• WHAT IS BEING ASKED:
Go through the records below line by line and report how many lines include "name", giving the number only.

• ENTRIES SHOWN:
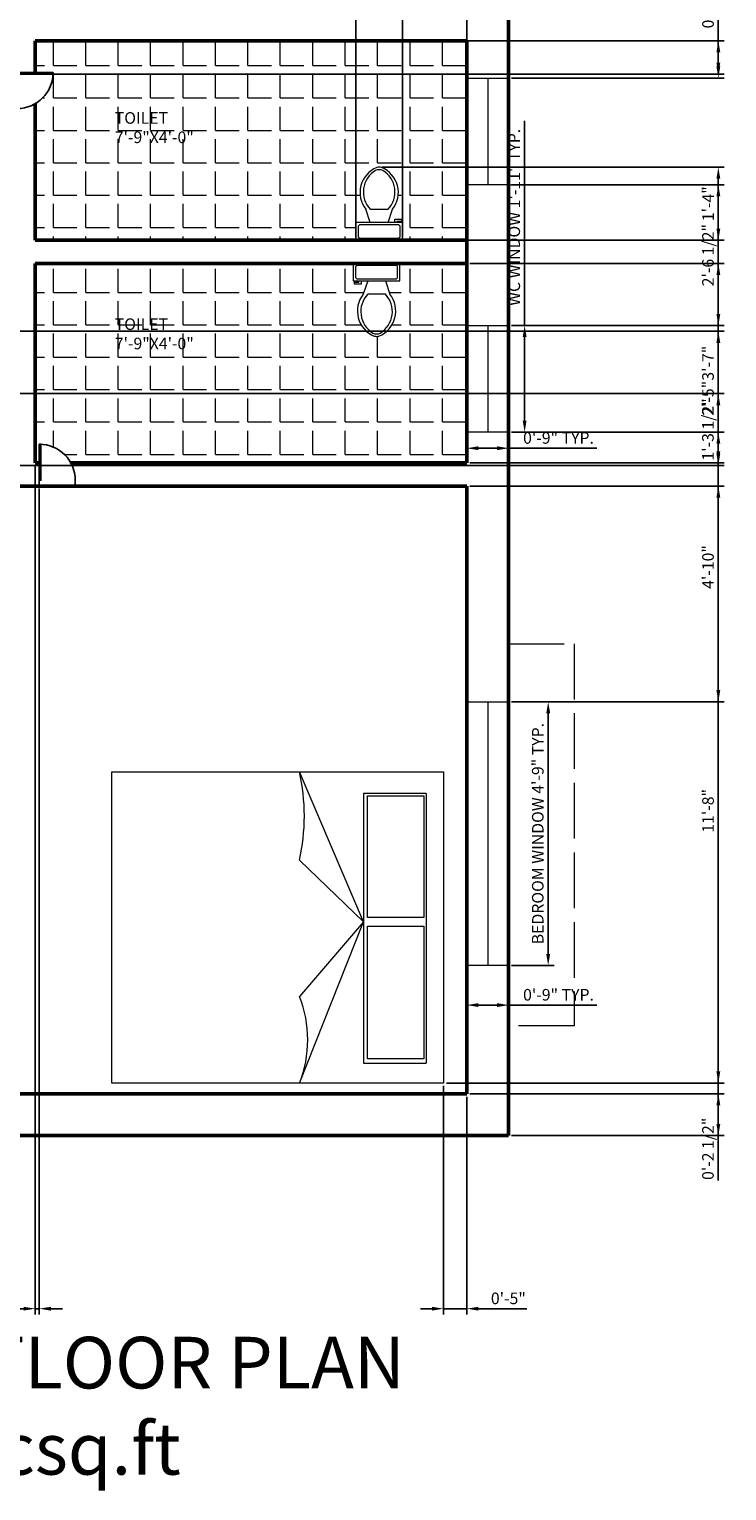
# Model space of a CAD drawing. Units: millimetres. Extents: x 3095 to 3505, y 1097 to 1734.
# Tile 3 of 5: x 3355 to 3505, y 1097 to 1412. Entities that reach past the tile are written whole.
import ezdxf

# ---------------------------------------------------------------- set-up
doc = ezdxf.new("R2010")
doc.units = ezdxf.units.MM
doc.linetypes.add('ACAD_ISO02W100', pattern=[15, 12, -3])
for name, color, linetype, lineweight, true_color in [('A-ANNO-DIMS', 32, 'Continuous', 18, 0xcd6928), ('A-ANNO-TEXT', 152, 'Continuous', 25, 0x2776bb), ('A-AREA-IDEN', 152, 'Continuous', 18, 0x2776bb), ('A-FLOR-FIXT', 9, 'Continuous', 18, 0xafd9aa), ('A-FLOR-PATT', 241, 'Continuous', 13, 0xf7abae), ('A-FURN', 9, 'Continuous', 18, 0xafd9aa), ('A-GLAZ', 9, 'Continuous', 18, 0xd19cc7), ('A-ROOF-OVHD', 152, 'ACAD_ISO02W100', 13, 0x2776bb)]:
    doc.layers.add(name, color=color, linetype=linetype, lineweight=lineweight, true_color=true_color)
doc.layers.add('A-DOOR', color=4, linetype='Continuous', lineweight=25)
doc.layers.add('A-WALL', color=7, linetype='Continuous', lineweight=50)
doc.styles.get("Standard").update_dxf_attribs({"font": 'arial.ttf'})
doc.dimstyles.new('ISO-25', dxfattribs={"dimtxt": 2.5, "dimasz": 2.5, "dimexe": 1.25, "dimexo": 0.625, "dimtad": 1, "dimlunit": 3, "dimtxsty": 'Standard', "dimcen": 2.5, "dimadec": 0, "dimazin": 0, "dimtfac": 1, "dimtmove": 0, "dimatfit": 3, "dimfxl": 1, "dimarcsym": 0})

# ---------------------------------------------------------------- blocks, each defined once
blk = doc.blocks.new('*U4')
for p, q in [((9.5, -6), (9.5, -2)), ((-10, -8.5), (-8, -8.5)), ((-10, -9.5), (-10, -8.5)), ((-7, -9.5), (-10, -9.5)), ((-8, -8.5), (-8, -8)), ((-7, -8), (-7, -9.5)), ((-4, -8), (-6, -14)), ((4, -8), (6, -14)), ((4, -14), (-4, -14))]:
    blk.add_line(p, q)
blk.add_lwpolyline([(10.5, -8), (10.5, 0), (-10.5, 0), (-10.5, -8)], close=True)
for points in [[(-9.5, -2), (-9.5, -6)], [(8.5, -1), (-8.5, -1)], [(-8.5, -7), (8.5, -7)]]:
    blk.add_lwpolyline(points)
for centre, radius, start, end in [((-8.62, -1.88), 0.884, 81.8699, 188.1301), ((-8.62, -6.12), 0.884, 171.8699, 278.1301), ((8.62, -1.88), 0.884, 351.8699, 98.1301), ((8.62, -6.12), 0.884, 261.8699, 8.1301), ((3.52, -21.58), 12.17, 141.46911, 247.97143), ((4.2, -21.82), 11.33, 136.36773, 238.94682), ((-3.52, -21.58), 12.17, 292.02843, 38.53071), ((-4.2, -21.82), 11.33, 301.05301, 43.63209), ((0, -27.88), 4, 245.73182, 294.26817), ((0, -29), 4, 254.86053, 285.13947)]:
    blk.add_arc(centre, radius, start, end)
blk = doc.blocks.new('*U8')
for p, q in [((0, 0), (0, -6)), ((40, 0), (40, -6))]:
    blk.add_line(p, q)
blk.add_lwpolyline([(0, 0), (0, 40), (1.75, 40), (1.75, 0)], close=True)
blk.add_arc((0, 0), 40, 0, 90)
blk = doc.blocks.new('*U6')
for p, q in [((0, 0), (0, -6)), ((40, 0), (40, -6))]:
    blk.add_line(p, q)
blk.add_lwpolyline([(0, 0), (0, 40), (1.75, 40), (1.75, 0)], close=True)
blk.add_arc((0, 0), 40, 0, 90)
blk = doc.blocks.new('BED-DOUBLE')
for p, q in [((4.67, 67.71), (4.67, 54.2)), ((4.67, 67.71), (62.81, 67.71)), ((62.81, 54.2), (62.81, 67.71)), ((32.4, 54.2), (0, 40.37)), ((4.67, 54.2), (62.81, 54.2)), ((32.4, 54.2), (19.1, 40.37)), ((67.13, 40.37), (32.4, 54.2)), ((32.4, 54.2), (48.47, 40.37))]:
    blk.add_line(p, q)
for points in [[(0, 71.42), (67.13, 71.42), (67.13, 0), (0, 0)], [(5.23, 67.2), (31.46, 67.2), (31.46, 55.05), (5.23, 55.05)], [(33.33, 67.2), (61.88, 67.2), (61.88, 55.05), (33.33, 55.05)]]:
    blk.add_lwpolyline(points, close=True)
for centre, radius, start, end in [((9.55, -1.59), 43.03, 77.1763, 102.8237), ((57.8, 17.19), 24.99, 68.0833, 111.9167)]:
    blk.add_arc(centre, radius, start, end)
blk = doc.blocks.new('WIN-BEDROOM')
for p, q in [((0, 56.87), (9, 56.87)), ((0, 0), (0, 56.87)), ((0, 56.87), (4.5, 56.87)), ((4.5, 56.87), (4.5, 0)), ((9, 56.87), (9, 0)), ((9, 0), (0, 0))]:
    blk.add_line(p, q)
blk = doc.blocks.new('WIN-TOILET')
for p, q in [((0, 23.01), (9, 23.01)), ((0, 0), (0, 23.01)), ((0, 23.01), (4.5, 23.01)), ((4.5, 23.01), (4.5, 0)), ((9, 23.01), (9, 0)), ((9, 0), (0, 0))]:
    blk.add_line(p, q)
blk = doc.blocks.new('*D20')
at = {"layer": 'A-ANNO-DIMS', "color": 0, "lineweight": -2, "transparency": 16777216}
for p, q in [((3458.49, 1266.84), (3467.64, 1266.84)), ((3466.39, 1212.47), (3466.39, 1264.34)), ((3458.49, 1209.97), (3467.64, 1209.97))]:
    blk.add_line(p, q, dxfattribs=at)
at = {"layer": 'A-ANNO-DIMS', "color": 0, "lineweight": 5, "transparency": 16777216}
for points in [[(3465.98, 1264.34), (3466.81, 1264.34), (3466.39, 1266.84)], [(3465.98, 1212.47), (3466.81, 1212.47), (3466.39, 1209.97)]]:
    blk.add_solid(points, dxfattribs=at)
at = {"layer": 'Defpoints', "color": 0, "lineweight": 5, "transparency": 16777216}
for p in [(3457.86, 1266.84), (3466.39, 1266.84), (3457.86, 1209.97)]:
    blk.add_point(p, dxfattribs=at)
at = {"layer": 'A-ANNO-DIMS', "color": 0, "transparency": 16777216, "insert": (3464.47, 1238.41), "char_height": 2.5, "attachment_point": 5, "rotation": 90}
blk.add_mtext('BEDROOM WINDOW 4\'-9" TYP.', dxfattribs=at)
blk = doc.blocks.new('*D21')
at = {"layer": 'A-ANNO-DIMS', "color": 0, "lineweight": -2, "transparency": 16777216}
for p, q in [((3448.86, 1209.35), (3448.86, 1200.19)), ((3457.86, 1209.35), (3457.86, 1200.19)), ((3451.36, 1201.44), (3455.36, 1201.44)), ((3457.86, 1201.44), (3476.85, 1201.44))]:
    blk.add_line(p, q, dxfattribs=at)
at = {"layer": 'A-ANNO-DIMS', "color": 0, "lineweight": 5, "transparency": 16777216}
for points in [[(3451.36, 1201.86), (3451.36, 1201.03), (3448.86, 1201.44)], [(3455.36, 1201.86), (3455.36, 1201.03), (3457.86, 1201.44)]]:
    blk.add_solid(points, dxfattribs=at)
at = {"layer": 'Defpoints', "color": 0, "lineweight": 5, "transparency": 16777216}
for p in [(3448.86, 1209.97), (3457.86, 1209.97), (3457.86, 1201.44)]:
    blk.add_point(p, dxfattribs=at)
at = {"layer": 'A-ANNO-DIMS', "color": 0, "transparency": 16777216, "insert": (3468.61, 1203.35), "char_height": 2.5, "attachment_point": 5}
blk.add_mtext('0\'-9" TYP.', dxfattribs=at)
blk = doc.blocks.new('*D22')
at = {"layer": 'A-ANNO-DIMS', "color": 0, "lineweight": -2, "transparency": 16777216}
for p, q in [((3461.31, 1347.95), (3461.31, 1392.07)), ((3458.49, 1347.95), (3462.56, 1347.95)), ((3461.31, 1327.44), (3461.31, 1345.45)), ((3458.49, 1324.94), (3462.56, 1324.94))]:
    blk.add_line(p, q, dxfattribs=at)
at = {"layer": 'A-ANNO-DIMS', "color": 0, "lineweight": 5, "transparency": 16777216}
for points in [[(3460.9, 1345.45), (3461.73, 1345.45), (3461.31, 1347.95)], [(3460.9, 1327.44), (3461.73, 1327.44), (3461.31, 1324.94)]]:
    blk.add_solid(points, dxfattribs=at)
at = {"layer": 'Defpoints', "color": 0, "lineweight": 5, "transparency": 16777216}
for p in [(3457.86, 1347.95), (3461.31, 1347.95), (3457.86, 1324.94)]:
    blk.add_point(p, dxfattribs=at)
at = {"layer": 'A-ANNO-DIMS', "color": 0, "transparency": 16777216, "insert": (3459.4, 1371.26), "char_height": 2.5, "attachment_point": 5, "rotation": 90}
blk.add_mtext('WC WINDOW 1\'-11" TYP.', dxfattribs=at)
blk = doc.blocks.new('*D23')
at = {"layer": 'A-ANNO-DIMS', "color": 0, "lineweight": -2, "transparency": 16777216}
for p, q in [((3448.86, 1324.32), (3448.86, 1320.24)), ((3457.86, 1324.32), (3457.86, 1320.24)), ((3451.36, 1321.49), (3455.36, 1321.49)), ((3457.86, 1321.49), (3476.85, 1321.49))]:
    blk.add_line(p, q, dxfattribs=at)
at = {"layer": 'A-ANNO-DIMS', "color": 0, "lineweight": 5, "transparency": 16777216}
for points in [[(3451.36, 1321.91), (3451.36, 1321.08), (3448.86, 1321.49)], [(3455.36, 1321.91), (3455.36, 1321.08), (3457.86, 1321.49)]]:
    blk.add_solid(points, dxfattribs=at)
at = {"layer": 'Defpoints', "color": 0, "lineweight": 5, "transparency": 16777216}
for p in [(3448.86, 1324.94), (3457.86, 1324.94), (3457.86, 1321.49)]:
    blk.add_point(p, dxfattribs=at)
at = {"layer": 'A-ANNO-DIMS', "color": 0, "transparency": 16777216, "insert": (3468.61, 1323.39), "char_height": 2.5, "attachment_point": 5}
blk.add_mtext('0\'-9" TYP.', dxfattribs=at)
blk = doc.blocks.new('*D40')
at = {"layer": 'A-ANNO-DIMS', "color": 0, "lineweight": -2, "transparency": 16777216}
for p, q in [((3458.49, 1454.16), (3504.29, 1454.16)), ((3503.04, 1451.66), (3503.04, 1403.79)), ((3458.49, 1401.29), (3504.29, 1401.29))]:
    blk.add_line(p, q, dxfattribs=at)
at = {"layer": 'A-ANNO-DIMS', "color": 0, "lineweight": 5, "transparency": 16777216}
for points in [[(3502.63, 1451.66), (3503.46, 1451.66), (3503.04, 1454.16)], [(3502.63, 1403.79), (3503.46, 1403.79), (3503.04, 1401.29)]]:
    blk.add_solid(points, dxfattribs=at)
at = {"layer": 'Defpoints', "color": 0, "lineweight": 5, "transparency": 16777216}
for p in [(3457.86, 1454.16), (3457.86, 1401.29), (3503.04, 1401.29)]:
    blk.add_point(p, dxfattribs=at)
at = {"layer": 'A-ANNO-DIMS', "color": 0, "transparency": 16777216, "insert": (3501.15, 1427.72), "char_height": 2.5, "attachment_point": 5, "rotation": 90}
blk.add_mtext('4\'-5"', dxfattribs=at)
blk = doc.blocks.new('*D41')
at = {"layer": 'A-ANNO-DIMS', "color": 0, "lineweight": -2, "transparency": 16777216}
for p, q in [((3458.49, 1378.28), (3504.29, 1378.28)), ((3503.04, 1375.78), (3503.04, 1350.45)), ((3458.49, 1347.95), (3504.29, 1347.95))]:
    blk.add_line(p, q, dxfattribs=at)
at = {"layer": 'A-ANNO-DIMS', "color": 0, "lineweight": 5, "transparency": 16777216}
for points in [[(3502.63, 1375.78), (3503.46, 1375.78), (3503.04, 1378.28)], [(3502.63, 1350.45), (3503.46, 1350.45), (3503.04, 1347.95)]]:
    blk.add_solid(points, dxfattribs=at)
at = {"layer": 'Defpoints', "color": 0, "lineweight": 5, "transparency": 16777216}
for p in [(3457.86, 1378.28), (3457.86, 1347.95), (3503.04, 1347.95)]:
    blk.add_point(p, dxfattribs=at)
at = {"layer": 'A-ANNO-DIMS', "color": 0, "transparency": 16777216, "insert": (3501.13, 1363.11), "char_height": 2.5, "attachment_point": 5, "rotation": 90}
blk.add_mtext('2\'-6 1/2"', dxfattribs=at)
blk = doc.blocks.new('*D42')
at = {"layer": 'A-ANNO-DIMS', "color": 0, "lineweight": -2, "transparency": 16777216}
for p, q in [((3458.49, 1324.94), (3504.29, 1324.94)), ((3503.04, 1322.44), (3503.04, 1269.34)), ((3458.49, 1266.84), (3504.29, 1266.84))]:
    blk.add_line(p, q, dxfattribs=at)
at = {"layer": 'A-ANNO-DIMS', "color": 0, "lineweight": 5, "transparency": 16777216}
for points in [[(3502.63, 1322.44), (3503.46, 1322.44), (3503.04, 1324.94)], [(3502.63, 1269.34), (3503.46, 1269.34), (3503.04, 1266.84)]]:
    blk.add_solid(points, dxfattribs=at)
at = {"layer": 'Defpoints', "color": 0, "lineweight": 5, "transparency": 16777216}
for p in [(3457.86, 1324.94), (3457.86, 1266.84), (3503.04, 1266.84)]:
    blk.add_point(p, dxfattribs=at)
at = {"layer": 'A-ANNO-DIMS', "color": 0, "transparency": 16777216, "insert": (3501.14, 1295.89), "char_height": 2.5, "attachment_point": 5, "rotation": 90}
blk.add_mtext('4\'-10"', dxfattribs=at)
blk = doc.blocks.new('*D46')
at = {"layer": 'A-ANNO-DIMS', "color": 0, "lineweight": -2, "transparency": 16777216}
for p, q in [((3449.49, 1313.32), (3504.29, 1313.32)), ((3503.04, 1310.82), (3503.04, 1175.82)), ((3458.49, 1173.32), (3504.29, 1173.32))]:
    blk.add_line(p, q, dxfattribs=at)
at = {"layer": 'A-ANNO-DIMS', "color": 0, "lineweight": 5, "transparency": 16777216}
for points in [[(3502.63, 1310.82), (3503.46, 1310.82), (3503.04, 1313.32)], [(3502.63, 1175.82), (3503.46, 1175.82), (3503.04, 1173.32)]]:
    blk.add_solid(points, dxfattribs=at)
at = {"layer": 'Defpoints', "color": 0, "lineweight": 5, "transparency": 16777216}
for p in [(3448.86, 1313.32), (3457.86, 1173.32), (3503.04, 1173.32)]:
    blk.add_point(p, dxfattribs=at)
at = {"layer": 'A-ANNO-DIMS', "color": 0, "transparency": 16777216, "insert": (3501.14, 1243.32), "char_height": 2.5, "attachment_point": 5, "rotation": 90}
blk.add_mtext('11\'-8"', dxfattribs=at)
blk = doc.blocks.new('*D47')
at = {"layer": 'A-ANNO-DIMS', "color": 0, "lineweight": -2, "transparency": 16777216}
for p, q in [((3449.49, 1361.32), (3504.29, 1361.32)), ((3503.04, 1320.82), (3503.04, 1358.82)), ((3449.49, 1318.32), (3504.29, 1318.32))]:
    blk.add_line(p, q, dxfattribs=at)
at = {"layer": 'A-ANNO-DIMS', "color": 0, "lineweight": 5, "transparency": 16777216}
for points in [[(3502.63, 1358.82), (3503.46, 1358.82), (3503.04, 1361.32)], [(3502.63, 1320.82), (3503.46, 1320.82), (3503.04, 1318.32)]]:
    blk.add_solid(points, dxfattribs=at)
at = {"layer": 'Defpoints', "color": 0, "lineweight": 5, "transparency": 16777216}
for p in [(3448.86, 1361.32), (3503.04, 1361.32), (3448.86, 1318.32)]:
    blk.add_point(p, dxfattribs=at)
at = {"layer": 'A-ANNO-DIMS', "color": 0, "transparency": 16777216, "insert": (3501.14, 1339.82), "char_height": 2.5, "attachment_point": 5, "rotation": 90}
blk.add_mtext('3\'-7"', dxfattribs=at)
blk = doc.blocks.new('*D59')
at = {"layer": 'A-ANNO-DIMS', "color": 0, "lineweight": -2, "transparency": 16777216}
for p, q in [((3424.96, 1366.94), (3424.96, 1729.27)), ((3427.46, 1728.02), (3432.49, 1728.02)), ((3434.99, 1366.94), (3434.99, 1729.27))]:
    blk.add_line(p, q, dxfattribs=at)
at = {"layer": 'A-ANNO-DIMS', "color": 0, "lineweight": 5, "transparency": 16777216}
for points in [[(3427.46, 1728.43), (3427.46, 1727.6), (3424.96, 1728.02)], [(3432.49, 1728.43), (3432.49, 1727.6), (3434.99, 1728.02)]]:
    blk.add_solid(points, dxfattribs=at)
at = {"layer": 'Defpoints', "color": 0, "lineweight": 5, "transparency": 16777216}
for p in [(3434.99, 1728.02), (3424.96, 1366.32), (3434.99, 1366.32)]:
    blk.add_point(p, dxfattribs=at)
at = {"layer": 'A-ANNO-DIMS', "color": 0, "transparency": 16777216, "insert": (3429.98, 1729.92), "char_height": 2.5, "attachment_point": 5}
blk.add_mtext('0\'-10"', dxfattribs=at)
blk = doc.blocks.new('*D60')
at = {"layer": 'A-ANNO-DIMS', "color": 0, "lineweight": -2, "transparency": 16777216}
for p, q in [((3430.6, 1382.07), (3504.29, 1382.07)), ((3503.04, 1368.82), (3503.04, 1379.57)), ((3435.62, 1366.32), (3504.29, 1366.32))]:
    blk.add_line(p, q, dxfattribs=at)
at = {"layer": 'A-ANNO-DIMS', "color": 0, "lineweight": 5, "transparency": 16777216}
for points in [[(3502.63, 1379.57), (3503.46, 1379.57), (3503.04, 1382.07)], [(3502.63, 1368.82), (3503.46, 1368.82), (3503.04, 1366.32)]]:
    blk.add_solid(points, dxfattribs=at)
at = {"layer": 'Defpoints', "color": 0, "lineweight": 5, "transparency": 16777216}
for p in [(3429.98, 1382.07), (3503.04, 1382.07), (3434.99, 1366.32)]:
    blk.add_point(p, dxfattribs=at)
at = {"layer": 'A-ANNO-DIMS', "color": 0, "transparency": 16777216, "insert": (3501.16, 1374.2), "char_height": 2.5, "attachment_point": 5, "rotation": 90}
blk.add_mtext('1\'-4"', dxfattribs=at)
blk = doc.blocks.new('*D61')
at = {"layer": 'A-ANNO-DIMS', "color": 0, "lineweight": -2, "transparency": 16777216}
for p, q in [((3434.99, 1366.94), (3434.99, 1729.27)), ((3437.49, 1728.02), (3446.36, 1728.02)), ((3448.86, 1366.94), (3448.86, 1729.27))]:
    blk.add_line(p, q, dxfattribs=at)
at = {"layer": 'A-ANNO-DIMS', "color": 0, "lineweight": 5, "transparency": 16777216}
for points in [[(3437.49, 1728.43), (3437.49, 1727.6), (3434.99, 1728.02)], [(3446.36, 1728.43), (3446.36, 1727.6), (3448.86, 1728.02)]]:
    blk.add_solid(points, dxfattribs=at)
at = {"layer": 'Defpoints', "color": 0, "lineweight": 5, "transparency": 16777216}
for p in [(3448.86, 1728.02), (3434.99, 1366.32), (3448.86, 1366.32)]:
    blk.add_point(p, dxfattribs=at)
at = {"layer": 'A-ANNO-DIMS', "color": 0, "transparency": 16777216, "insert": (3441.93, 1729.9), "char_height": 2.5, "attachment_point": 5}
blk.add_mtext('1\'-2"', dxfattribs=at)
blk = doc.blocks.new('*D63')
at = {"layer": 'A-ANNO-DIMS', "color": 0, "lineweight": -2, "transparency": 16777216}
for p, q in [((3503.04, 1409.32), (3503.04, 1419.71)), ((3356.49, 1409.32), (3504.29, 1409.32)), ((3503.04, 1404.64), (3503.04, 1406.82)), ((3356.49, 1402.14), (3504.29, 1402.14))]:
    blk.add_line(p, q, dxfattribs=at)
at = {"layer": 'A-ANNO-DIMS', "color": 0, "lineweight": 5, "transparency": 16777216}
for points in [[(3502.63, 1406.82), (3503.46, 1406.82), (3503.04, 1409.32)], [(3502.63, 1404.64), (3503.46, 1404.64), (3503.04, 1402.14)]]:
    blk.add_solid(points, dxfattribs=at)
at = {"layer": 'Defpoints', "color": 0, "lineweight": 5, "transparency": 16777216}
for p in [(3355.86, 1409.32), (3503.04, 1409.32), (3355.86, 1402.14)]:
    blk.add_point(p, dxfattribs=at)
at = {"layer": 'A-ANNO-DIMS', "color": 0, "transparency": 16777216, "insert": (3501.14, 1415.76), "char_height": 2.5, "attachment_point": 5, "rotation": 90}
blk.add_mtext('0\'-7"', dxfattribs=at)
blk = doc.blocks.new('*D64')
at = {"layer": 'A-ANNO-DIMS', "color": 0, "lineweight": -2, "transparency": 16777216}
for p, q in [((3355.86, 1317.69), (3355.86, 1134.75)), ((3356.76, 1312.81), (3356.76, 1134.75)), ((3353.36, 1136), (3342.97, 1136)), ((3356.76, 1136), (3355.86, 1136)), ((3359.26, 1136), (3361.76, 1136))]:
    blk.add_line(p, q, dxfattribs=at)
at = {"layer": 'A-ANNO-DIMS', "color": 0, "lineweight": 5, "transparency": 16777216}
for points in [[(3353.36, 1136.41), (3353.36, 1135.58), (3355.86, 1136)], [(3359.26, 1136.41), (3359.26, 1135.58), (3356.76, 1136)]]:
    blk.add_solid(points, dxfattribs=at)
at = {"layer": 'Defpoints', "color": 0, "lineweight": 5, "transparency": 16777216}
for p in [(3355.86, 1318.32), (3356.76, 1313.43), (3355.86, 1136)]:
    blk.add_point(p, dxfattribs=at)
at = {"layer": 'A-ANNO-DIMS', "color": 0, "transparency": 16777216, "insert": (3346.91, 1137.9), "char_height": 2.5, "attachment_point": 5}
blk.add_mtext('0\'-1"', dxfattribs=at)
blk = doc.blocks.new('*D69')
at = {"layer": 'A-ANNO-DIMS', "color": 0, "lineweight": -2, "transparency": 16777216}
for p, q in [((3250.48, 1333.27), (3504.29, 1333.27)), ((3503.04, 1330.77), (3503.04, 1320.3)), ((3250.48, 1317.8), (3504.29, 1317.8))]:
    blk.add_line(p, q, dxfattribs=at)
at = {"layer": 'A-ANNO-DIMS', "color": 0, "lineweight": 5, "transparency": 16777216}
for points in [[(3502.63, 1330.77), (3503.46, 1330.77), (3503.04, 1333.27)], [(3502.63, 1320.3), (3503.46, 1320.3), (3503.04, 1317.8)]]:
    blk.add_solid(points, dxfattribs=at)
at = {"layer": 'Defpoints', "color": 0, "lineweight": 5, "transparency": 16777216}
for p in [(3249.85, 1333.27), (3249.85, 1317.8), (3503.04, 1317.8)]:
    blk.add_point(p, dxfattribs=at)
at = {"layer": 'A-ANNO-DIMS', "color": 0, "transparency": 16777216, "insert": (3501.12, 1325.54), "char_height": 2.5, "attachment_point": 5, "rotation": 90}
blk.add_mtext('1\'-3 1/2"', dxfattribs=at)
blk = doc.blocks.new('*D77')
at = {"layer": 'A-ANNO-DIMS', "color": 0, "lineweight": -2, "transparency": 16777216}
for p, q in [((3194.49, 1346.71), (3504.29, 1346.71)), ((3503.04, 1344.21), (3503.04, 1320.3)), ((3250.48, 1317.8), (3504.29, 1317.8))]:
    blk.add_line(p, q, dxfattribs=at)
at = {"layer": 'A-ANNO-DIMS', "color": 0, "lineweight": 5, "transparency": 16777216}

• OUTPUT FOR THIS TASK:
2